Work instruction. Each line below from the one containing "#27=EDGE_CURVE('',#13,#21,#26,.T.);" through the one containing "#37=CARTESIAN_POINT('',(12.294,-0.7995,31.038));" should be output exactly as it stands, and no other line should appear.

[Start of Attachment]

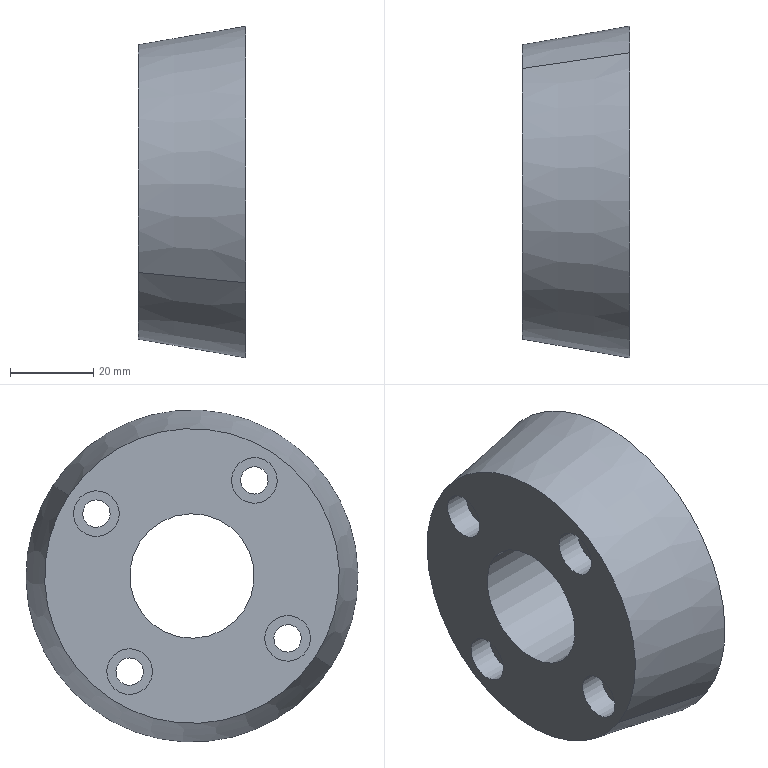Component | SolidWorks | LocatingSleeve3-1_LocatingSleeve3-2-1 | 1 solid | 26 faces | box 26 x 80 x 80 mm | volume 93046 mm3 | cylinder 18 | plane 6 | cone 2 | commonest cylinder face diameters 11 x8 6.6 x8 30 x2
STEP:
#1=CARTESIAN_POINT('',(12.546,-0.9808,30.92));
#2=VERTEX_POINT('',#1);
#3=CARTESIAN_POINT('',(12.546,-0.6181,31.156));
#4=VERTEX_POINT('',#3);
#5=CARTESIAN_POINT('',(12.546,-0.7995,31.038));
#6=DIRECTION('',(-1.,-0.,0.));
#7=DIRECTION('',(0.,0.8375,0.5465));
#8=AXIS2_PLACEMENT_3D('',#5,#6,#7);
#9=CIRCLE('',#8,0.2165);
#10=EDGE_CURVE('',#2,#4,#9,.T.);
#11=ORIENTED_EDGE('',*,*,#10,.F.);
#12=CARTESIAN_POINT('',(12.294,-0.9808,30.92));
#13=VERTEX_POINT('',#12);
#14=CARTESIAN_POINT('',(12.294,-0.9808,30.92));
#15=DIRECTION('',(-1.,-0.,0.));
#16=VECTOR('',#15,39.37);
#17=LINE('',#14,#16);
#18=EDGE_CURVE('',#2,#13,#17,.T.);
#19=ORIENTED_EDGE('',*,*,#18,.T.);
#20=CARTESIAN_POINT('',(12.294,-0.6181,31.156));
#21=VERTEX_POINT('',#20);
#22=CARTESIAN_POINT('',(12.294,-0.7995,31.038));
#23=DIRECTION('',(-1.,-0.,0.));
#24=DIRECTION('',(0.,0.8375,0.5465));
#25=AXIS2_PLACEMENT_3D('',#22,#23,#24);
#26=CIRCLE('',#25,0.2165);
#27=EDGE_CURVE('',#13,#21,#26,.T.);
#28=ORIENTED_EDGE('',*,*,#27,.T.);
#29=CARTESIAN_POINT('',(12.294,-0.6181,31.156));
#30=DIRECTION('',(-1.,-0.,0.));
#31=VECTOR('',#30,39.37);
#32=LINE('',#29,#31);
#33=EDGE_CURVE('',#4,#21,#32,.T.);
#34=ORIENTED_EDGE('',*,*,#33,.F.);
#35=EDGE_LOOP('',(#11,#19,#28,#34));
#36=FACE_OUTER_BOUND('',#35,.T.);
#37=CARTESIAN_POINT('',(12.294,-0.7995,31.038));
#38=DIRECTION('',(-1.,-0.,0.));
#39=DIRECTION('',(0.,0.8375,0.5465));
#40=AXIS2_PLACEMENT_3D('',#37,#38,#39);
#41=CYLINDRICAL_SURFACE('',#40,0.2165);
#42=ADVANCED_FACE('',(#36),#41,.F.);
#43=CARTESIAN_POINT('',(13.318,-0.9083,30.967));
#44=VERTEX_POINT('',#43);
#45=CARTESIAN_POINT('',(13.318,-0.6907,31.109));
#46=VERTEX_POINT('',#45);
#47=CARTESIAN_POINT('',(13.318,-0.7995,31.038));
#48=DIRECTION('',(-1.,-0.,0.));
#49=DIRECTION('',(0.,0.8375,0.5465));
#50=AXIS2_PLACEMENT_3D('',#47,#48,#49);
#51=CIRCLE('',#50,0.1299);
#52=EDGE_CURVE('',#44,#46,#51,.T.);
#53=ORIENTED_EDGE('',*,*,#52,.F.);
#54=CARTESIAN_POINT('',(12.546,-0.9083,30.967));
#55=VERTEX_POINT('',#54);
#56=CARTESIAN_POINT('',(12.294,-0.9083,30.967));
#57=DIRECTION('',(-1.,-0.,0.));
#58=VECTOR('',#57,39.37);
#59=LINE('',#56,#58);
#60=EDGE_CURVE('',#44,#55,#59,.T.);
#61=ORIENTED_EDGE('',*,*,#60,.T.);
#62=CARTESIAN_POINT('',(12.546,-0.6907,31.109));
#63=VERTEX_POINT('',#62);
#64=CARTESIAN_POINT('',(12.546,-0.7995,31.038));
#65=DIRECTION('',(-1.,-0.,0.));
#66=DIRECTION('',(0.,0.8375,0.5465));
#67=AXIS2_PLACEMENT_3D('',#64,#65,#66);
#68=CIRCLE('',#67,0.1299);
#69=EDGE_CURVE('',#55,#63,#68,.T.);
#70=ORIENTED_EDGE('',*,*,#69,.T.);
#71=CARTESIAN_POINT('',(12.294,-0.6907,31.109));
#72=DIRECTION('',(-1.,-0.,0.));
#73=VECTOR('',#72,39.37);
#74=LINE('',#71,#73);
#75=EDGE_CURVE('',#46,#63,#74,.T.);
#76=ORIENTED_EDGE('',*,*,#75,.F.);
#77=EDGE_LOOP('',(#53,#61,#70,#76));
#78=FACE_OUTER_BOUND('',#77,.T.);
#79=CARTESIAN_POINT('',(12.294,-0.7995,31.038));
#80=DIRECTION('',(-1.,-0.,0.));
#81=DIRECTION('',(0.,0.8375,0.5465));
#82=AXIS2_PLACEMENT_3D('',#79,#80,#81);
#83=CYLINDRICAL_SURFACE('',#82,0.1299);
#84=ADVANCED_FACE('',(#78),#83,.F.);
#85=CARTESIAN_POINT('',(12.546,-0.6657,32.418));
#86=VERTEX_POINT('',#85);
#87=CARTESIAN_POINT('',(12.546,-0.303,32.655));
#88=VERTEX_POINT('',#87);
#89=CARTESIAN_POINT('',(12.546,-0.4844,32.536));
#90=DIRECTION('',(-1.,-0.,0.));
#91=DIRECTION('',(0.,0.8375,0.5465));
#92=AXIS2_PLACEMENT_3D('',#89,#90,#91);
#93=CIRCLE('',#92,0.2165);
#94=EDGE_CURVE('',#86,#88,#93,.T.);
#95=ORIENTED_EDGE('',*,*,#94,.F.);
#96=CARTESIAN_POINT('',(12.294,-0.6657,32.418));
#97=VERTEX_POINT('',#96);
#98=CARTESIAN_POINT('',(12.294,-0.6657,32.418));
#99=DIRECTION('',(-1.,-0.,0.));
#100=VECTOR('',#99,39.37);
#101=LINE('',#98,#100);
#102=EDGE_CURVE('',#86,#97,#101,.T.);
#103=ORIENTED_EDGE('',*,*,#102,.T.);
#104=CARTESIAN_POINT('',(12.294,-0.303,32.655));
#105=VERTEX_POINT('',#104);
#106=CARTESIAN_POINT('',(12.294,-0.4844,32.536));
#107=DIRECTION('',(-1.,-0.,0.));
#108=DIRECTION('',(0.,0.8375,0.5465));
#109=AXIS2_PLACEMENT_3D('',#106,#107,#108);
#110=CIRCLE('',#109,0.2165);
#111=EDGE_CURVE('',#97,#105,#110,.T.);
#112=ORIENTED_EDGE('',*,*,#111,.T.);
#113=CARTESIAN_POINT('',(12.294,-0.303,32.655));
#114=DIRECTION('',(-1.,-0.,0.));
#115=VECTOR('',#114,39.37);
#116=LINE('',#113,#115);
#117=EDGE_CURVE('',#88,#105,#116,.T.);
#118=ORIENTED_EDGE('',*,*,#117,.F.);
#119=EDGE_LOOP('',(#95,#103,#112,#118));
#120=FACE_OUTER_BOUND('',#119,.T.);
#121=CARTESIAN_POINT('',(12.294,-0.4844,32.536));
#122=DIRECTION('',(-1.,-0.,0.));
#123=DIRECTION('',(0.,0.8375,0.5465));
#124=AXIS2_PLACEMENT_3D('',#121,#122,#123);
#125=CYLINDRICAL_SURFACE('',#124,0.2165);
#126=ADVANCED_FACE('',(#120),#125,.F.);
#127=CARTESIAN_POINT('',(13.318,-0.5932,32.465));
#128=VERTEX_POINT('',#127);
#129=CARTESIAN_POINT('',(13.318,-0.3756,32.607));
#130=VERTEX_POINT('',#129);
#131=CARTESIAN_POINT('',(13.318,-0.4844,32.536));
#132=DIRECTION('',(-1.,-0.,0.));
#133=DIRECTION('',(0.,0.8375,0.5465));
#134=AXIS2_PLACEMENT_3D('',#131,#132,#133);
#135=CIRCLE('',#134,0.1299);
#136=EDGE_CURVE('',#128,#130,#135,.T.);
#137=ORIENTED_EDGE('',*,*,#136,.F.);
#138=CARTESIAN_POINT('',(12.546,-0.5932,32.465));
#139=VERTEX_POINT('',#138);
#140=CARTESIAN_POINT('',(12.294,-0.5932,32.465));
#141=DIRECTION('',(-1.,-0.,0.));
#142=VECTOR('',#141,39.37);
#143=LINE('',#140,#142);
#144=EDGE_CURVE('',#128,#139,#143,.T.);
#145=ORIENTED_EDGE('',*,*,#144,.T.);
#146=CARTESIAN_POINT('',(12.546,-0.3756,32.607));
#147=VERTEX_POINT('',#146);
#148=CARTESIAN_POINT('',(12.546,-0.4844,32.536));
#149=DIRECTION('',(-1.,-0.,0.));
#150=DIRECTION('',(0.,0.8375,0.5465));
#151=AXIS2_PLACEMENT_3D('',#148,#149,#150);
#152=CIRCLE('',#151,0.1299);
#153=EDGE_CURVE('',#139,#147,#152,.T.);
#154=ORIENTED_EDGE('',*,*,#153,.T.);
#155=CARTESIAN_POINT('',(12.294,-0.3756,32.607));
#156=DIRECTION('',(-1.,-0.,0.));
#157=VECTOR('',#156,39.37);
#158=LINE('',#155,#157);
#159=EDGE_CURVE('',#130,#147,#158,.T.);
#160=ORIENTED_EDGE('',*,*,#159,.F.);
#161=EDGE_LOOP('',(#137,#145,#154,#160));
#162=FACE_OUTER_BOUND('',#161,.T.);
#163=CARTESIAN_POINT('',(12.294,-0.4844,32.536));
#164=DIRECTION('',(-1.,-0.,0.));
#165=DIRECTION('',(0.,0.8375,0.5465));
#166=AXIS2_PLACEMENT_3D('',#163,#164,#165);
#167=CYLINDRICAL_SURFACE('',#166,0.1299);
#168=ADVANCED_FACE('',(#162),#167,.F.);
#169=CARTESIAN_POINT('',(12.546,-2.164,32.733));
#170=VERTEX_POINT('',#169);
#171=CARTESIAN_POINT('',(12.546,-1.801,32.97));
#172=VERTEX_POINT('',#171);
#173=CARTESIAN_POINT('',(12.546,-1.983,32.852));
#174=DIRECTION('',(-1.,-0.,0.));
#175=DIRECTION('',(0.,0.8375,0.5465));
#176=AXIS2_PLACEMENT_3D('',#173,#174,#175);
#177=CIRCLE('',#176,0.2165);
#178=EDGE_CURVE('',#170,#172,#177,.T.);
#179=ORIENTED_EDGE('',*,*,#178,.F.);
#180=CARTESIAN_POINT('',(12.294,-2.164,32.733));
#181=VERTEX_POINT('',#180);
#182=CARTESIAN_POINT('',(12.294,-2.164,32.733));
#183=DIRECTION('',(-1.,-0.,0.));
#184=VECTOR('',#183,39.37);
#185=LINE('',#182,#184);
#186=EDGE_CURVE('',#170,#181,#185,.T.);
#187=ORIENTED_EDGE('',*,*,#186,.T.);
#188=CARTESIAN_POINT('',(12.294,-1.801,32.97));
#189=VERTEX_POINT('',#188);
#190=CARTESIAN_POINT('',(12.294,-1.983,32.852));
#191=DIRECTION('',(-1.,-0.,0.));
#192=DIRECTION('',(0.,0.8375,0.5465));
#193=AXIS2_PLACEMENT_3D('',#190,#191,#192);
#194=CIRCLE('',#193,0.2165);
#195=EDGE_CURVE('',#181,#189,#194,.T.);
#196=ORIENTED_EDGE('',*,*,#195,.T.);
#197=CARTESIAN_POINT('',(12.294,-1.801,32.97));
#198=DIRECTION('',(-1.,-0.,0.));
#199=VECTOR('',#198,39.37);
#200=LINE('',#197,#199);
#201=EDGE_CURVE('',#172,#189,#200,.T.);
#202=ORIENTED_EDGE('',*,*,#201,.F.);
#203=EDGE_LOOP('',(#179,#187,#196,#202));
#204=FACE_OUTER_BOUND('',#203,.T.);
#205=CARTESIAN_POINT('',(12.294,-1.983,32.852));
#206=DIRECTION('',(-1.,-0.,0.));
#207=DIRECTION('',(0.,0.8375,0.5465));
#208=AXIS2_PLACEMENT_3D('',#205,#206,#207);
#209=CYLINDRICAL_SURFACE('',#208,0.2165);
#210=ADVANCED_FACE('',(#204),#209,.F.);
#211=CARTESIAN_POINT('',(13.318,-2.092,32.781));
#212=VERTEX_POINT('',#211);
#213=CARTESIAN_POINT('',(13.318,-1.874,32.923));
#214=VERTEX_POINT('',#213);
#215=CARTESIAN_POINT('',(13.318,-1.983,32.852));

[End of Attachment]

Task answer.
#27=EDGE_CURVE('',#13,#21,#26,.T.);
#28=ORIENTED_EDGE('',*,*,#27,.T.);
#29=CARTESIAN_POINT('',(12.294,-0.6181,31.156));
#30=DIRECTION('',(-1.,-0.,0.));
#31=VECTOR('',#30,39.37);
#32=LINE('',#29,#31);
#33=EDGE_CURVE('',#4,#21,#32,.T.);
#34=ORIENTED_EDGE('',*,*,#33,.F.);
#35=EDGE_LOOP('',(#11,#19,#28,#34));
#36=FACE_OUTER_BOUND('',#35,.T.);
#37=CARTESIAN_POINT('',(12.294,-0.7995,31.038));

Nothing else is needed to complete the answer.